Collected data
------------------------------------

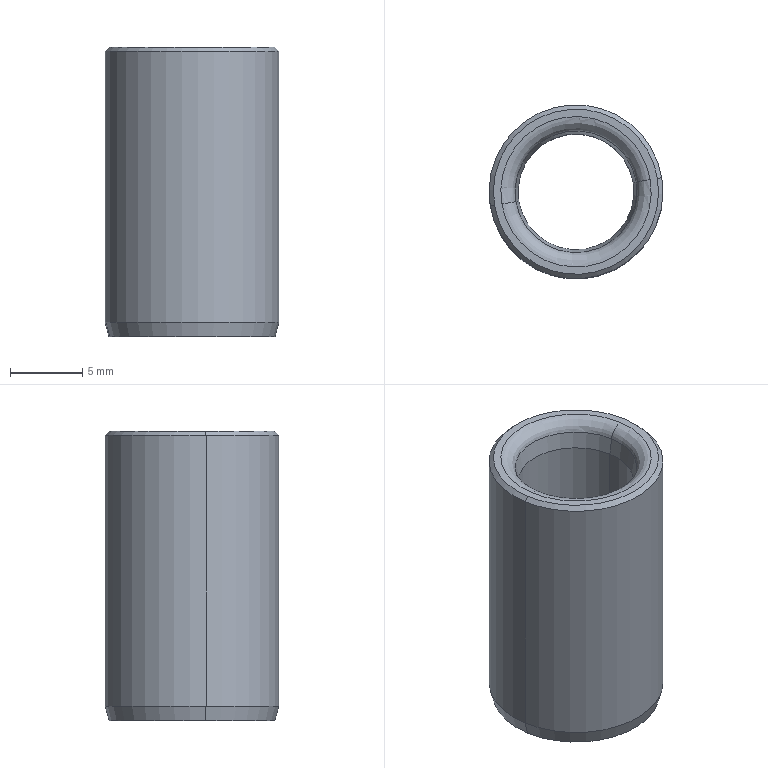Component | SolidWorks | MPBZ8_20-2 | 1 solid | 18 faces | box 12 x 12 x 20 mm | volume 1224 mm3 | cone 8 | cylinder 4 | torus 4 | plane 2 | commonest cylinder face diameters 12 x2 8 x2
build123d program:
from build123d import *


with BuildPart() as part:
    # Sketch1 → Revolve1 (revolve)
    with BuildSketch(Plane.XY, mode=Mode.PRIVATE) as revolve1_sk:
        with BuildLine():
            Line((0, 5.7), (0, 5.192))
            ThreePointArc((0, 5.192), (0.234, 4.549), (0.8264, 4.207))
            Line((0.8264, 4.207), (2, 4))
            Line((2, 4), (18, 4))
            Line((18, 4), (19.174, 4.207))
            ThreePointArc((19.174, 4.207), (19.766, 4.549), (20, 5.192))
            Line((20, 5.192), (20, 5.732))
            Line((20, 5.732), (19, 6))
            Line((19, 6), (0.3, 6))
            Line((0.3, 6), (0, 5.7))
        make_face()
    revolve(revolve1_sk.sketch.rotate(Axis((20, 0, 0), (-1, 0, 0)), 270), axis=Axis((20, 0, 0), (-1, 0, 0)))


solid = part.part

# Placed as in the assembly
solid = solid.moved(Location((-45.939, -84.245, 300), (0, 90, 0)))
STEP:
#1=CARTESIAN_POINT('',(-1.575,-3.279,11.063));
#2=VERTEX_POINT('',#1);
#3=CARTESIAN_POINT('',(-2.042,-3.355,11.063));
#4=VERTEX_POINT('',#3);
#5=CARTESIAN_POINT('',(-1.809,-3.317,11.063));
#6=DIRECTION('',(0.,0.,1.));
#7=DIRECTION('',(0.9869,0.1613,0.));
#8=AXIS2_PLACEMENT_3D('',#5,#6,#7);
#9=CIRCLE('',#8,0.2362);
#10=EDGE_CURVE('',#2,#4,#9,.T.);
#11=ORIENTED_EDGE('',*,*,#10,.T.);
#12=CARTESIAN_POINT('',(-2.042,-3.355,11.799));
#13=VERTEX_POINT('',#12);
#14=CARTESIAN_POINT('',(-2.042,-3.355,11.024));
#15=DIRECTION('',(0.,0.,1.));
#16=VECTOR('',#15,39.37);
#17=LINE('',#14,#16);
#18=EDGE_CURVE('',#4,#13,#17,.T.);
#19=ORIENTED_EDGE('',*,*,#18,.T.);
#20=CARTESIAN_POINT('',(-1.575,-3.279,11.799));
#21=VERTEX_POINT('',#20);
#22=CARTESIAN_POINT('',(-1.809,-3.317,11.799));
#23=DIRECTION('',(0.,0.,1.));
#24=DIRECTION('',(0.9869,0.1613,0.));
#25=AXIS2_PLACEMENT_3D('',#22,#23,#24);
#26=CIRCLE('',#25,0.2362);
#27=EDGE_CURVE('',#21,#13,#26,.T.);
#28=ORIENTED_EDGE('',*,*,#27,.F.);
#29=CARTESIAN_POINT('',(-1.575,-3.279,11.024));
#30=DIRECTION('',(0.,0.,1.));
#31=VECTOR('',#30,39.37);
#32=LINE('',#29,#31);
#33=EDGE_CURVE('',#2,#21,#32,.T.);
#34=ORIENTED_EDGE('',*,*,#33,.F.);
#35=EDGE_LOOP('',(#11,#19,#28,#34));
#36=FACE_OUTER_BOUND('',#35,.T.);
#37=CARTESIAN_POINT('',(-1.809,-3.317,11.024));
#38=DIRECTION('',(0.,0.,1.));
#39=DIRECTION('',(0.9869,0.1613,0.));
#40=AXIS2_PLACEMENT_3D('',#37,#38,#39);
#41=CYLINDRICAL_SURFACE('',#40,0.2362);
#42=ADVANCED_FACE('',(#36),#41,.T.);
#43=CARTESIAN_POINT('',(-1.586,-3.28,11.024));
#44=VERTEX_POINT('',#43);
#45=CARTESIAN_POINT('',(-2.031,-3.353,11.024));
#46=VERTEX_POINT('',#45);
#47=CARTESIAN_POINT('',(-1.809,-3.317,11.024));
#48=DIRECTION('',(0.,0.,1.));
#49=DIRECTION('',(0.9869,0.1613,0.));
#50=AXIS2_PLACEMENT_3D('',#47,#48,#49);
#51=CIRCLE('',#50,0.2257);
#52=EDGE_CURVE('',#44,#46,#51,.T.);
#53=ORIENTED_EDGE('',*,*,#52,.T.);
#54=CARTESIAN_POINT('',(-2.031,-3.353,11.024));
#55=DIRECTION('',(-0.2554,-0.04174,0.9659));
#56=VECTOR('',#55,39.37);
#57=LINE('',#54,#56);
#58=EDGE_CURVE('',#46,#4,#57,.T.);
#59=ORIENTED_EDGE('',*,*,#58,.T.);
#60=ORIENTED_EDGE('',*,*,#10,.F.);
#61=CARTESIAN_POINT('',(-1.586,-3.28,11.024));
#62=DIRECTION('',(0.2554,0.04174,0.9659));
#63=VECTOR('',#62,39.37);
#64=LINE('',#61,#63);
#65=EDGE_CURVE('',#44,#2,#64,.T.);
#66=ORIENTED_EDGE('',*,*,#65,.F.);
#67=EDGE_LOOP('',(#53,#59,#60,#66));
#68=FACE_OUTER_BOUND('',#67,.T.);
#69=CARTESIAN_POINT('',(-1.809,-3.317,11.024));
#70=DIRECTION('',(0.,0.,1.));
#71=DIRECTION('',(0.9869,0.1613,0.));
#72=AXIS2_PLACEMENT_3D('',#69,#70,#71);
#73=CONICAL_SURFACE('',#72,0.2257,0.2618);
#74=ADVANCED_FACE('',(#68),#73,.T.);
#75=CARTESIAN_POINT('',(-1.645,-3.29,11.056));
#76=VERTEX_POINT('',#75);
#77=CARTESIAN_POINT('',(-1.972,-3.343,11.056));
#78=VERTEX_POINT('',#77);
#79=CARTESIAN_POINT('',(-1.809,-3.317,11.056));
#80=DIRECTION('',(0.,0.,1.));
#81=DIRECTION('',(0.9869,0.1613,0.));
#82=AXIS2_PLACEMENT_3D('',#79,#80,#81);
#83=CIRCLE('',#82,0.1656);
#84=EDGE_CURVE('',#76,#78,#83,.T.);
#85=ORIENTED_EDGE('',*,*,#84,.T.);
#86=CARTESIAN_POINT('',(-2.01,-3.35,11.024));
#87=VERTEX_POINT('',#86);
#88=CARTESIAN_POINT('',(-2.01,-3.35,11.063));
#89=DIRECTION('',(-0.1613,0.9869,0.));
#90=DIRECTION('',(-0.9869,-0.1613,0.));
#91=AXIS2_PLACEMENT_3D('',#88,#89,#90);
#92=CIRCLE('',#91,0.03937);
#93=EDGE_CURVE('',#78,#87,#92,.T.);
#94=ORIENTED_EDGE('',*,*,#93,.T.);
#95=CARTESIAN_POINT('',(-1.607,-3.284,11.024));
#96=VERTEX_POINT('',#95);
#97=CARTESIAN_POINT('',(-1.809,-3.317,11.024));
#98=DIRECTION('',(0.,0.,1.));
#99=DIRECTION('',(0.9869,0.1613,0.));
#100=AXIS2_PLACEMENT_3D('',#97,#98,#99);
#101=CIRCLE('',#100,0.2044);
#102=EDGE_CURVE('',#96,#87,#101,.T.);
#103=ORIENTED_EDGE('',*,*,#102,.F.);
#104=CARTESIAN_POINT('',(-1.607,-3.284,11.063));
#105=DIRECTION('',(0.1613,-0.9869,0.));
#106=DIRECTION('',(0.9869,0.1613,0.));
#107=AXIS2_PLACEMENT_3D('',#104,#105,#106);
#108=CIRCLE('',#107,0.03937);
#109=EDGE_CURVE('',#76,#96,#108,.T.);
#110=ORIENTED_EDGE('',*,*,#109,.F.);
#111=EDGE_LOOP('',(#85,#94,#103,#110));
#112=FACE_OUTER_BOUND('',#111,.T.);
#113=CARTESIAN_POINT('',(-1.809,-3.317,11.063));
#114=DIRECTION('',(0.,0.,1.));
#115=DIRECTION('',(0.9869,0.1613,0.));
#116=AXIS2_PLACEMENT_3D('',#113,#114,#115);
#117=TOROIDAL_SURFACE('',#116,0.2044,0.03937);
#118=ADVANCED_FACE('',(#112),#117,.T.);
#119=CARTESIAN_POINT('',(-1.964,-3.342,11.102));
#120=VERTEX_POINT('',#119);
#121=CARTESIAN_POINT('',(-1.653,-3.291,11.102));
#122=VERTEX_POINT('',#121);
#123=CARTESIAN_POINT('',(-1.809,-3.317,11.102));
#124=DIRECTION('',(0.,0.,1.));
#125=DIRECTION('',(0.9869,0.1613,0.));
#126=AXIS2_PLACEMENT_3D('',#123,#124,#125);
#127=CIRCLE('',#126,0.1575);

------------------------------------

__Problem__: Reprint exactly the lines above that start at the one with "#30=DIRECTION('',(0.,0.,1.));" and end at the one with "#40=AXIS2_PLACEMENT_3D('',#37,#38,#39);", keeping both and adding none.

__Answer space__:
#30=DIRECTION('',(0.,0.,1.));
#31=VECTOR('',#30,39.37);
#32=LINE('',#29,#31);
#33=EDGE_CURVE('',#2,#21,#32,.T.);
#34=ORIENTED_EDGE('',*,*,#33,.F.);
#35=EDGE_LOOP('',(#11,#19,#28,#34));
#36=FACE_OUTER_BOUND('',#35,.T.);
#37=CARTESIAN_POINT('',(-1.809,-3.317,11.024));
#38=DIRECTION('',(0.,0.,1.));
#39=DIRECTION('',(0.9869,0.1613,0.));
#40=AXIS2_PLACEMENT_3D('',#37,#38,#39);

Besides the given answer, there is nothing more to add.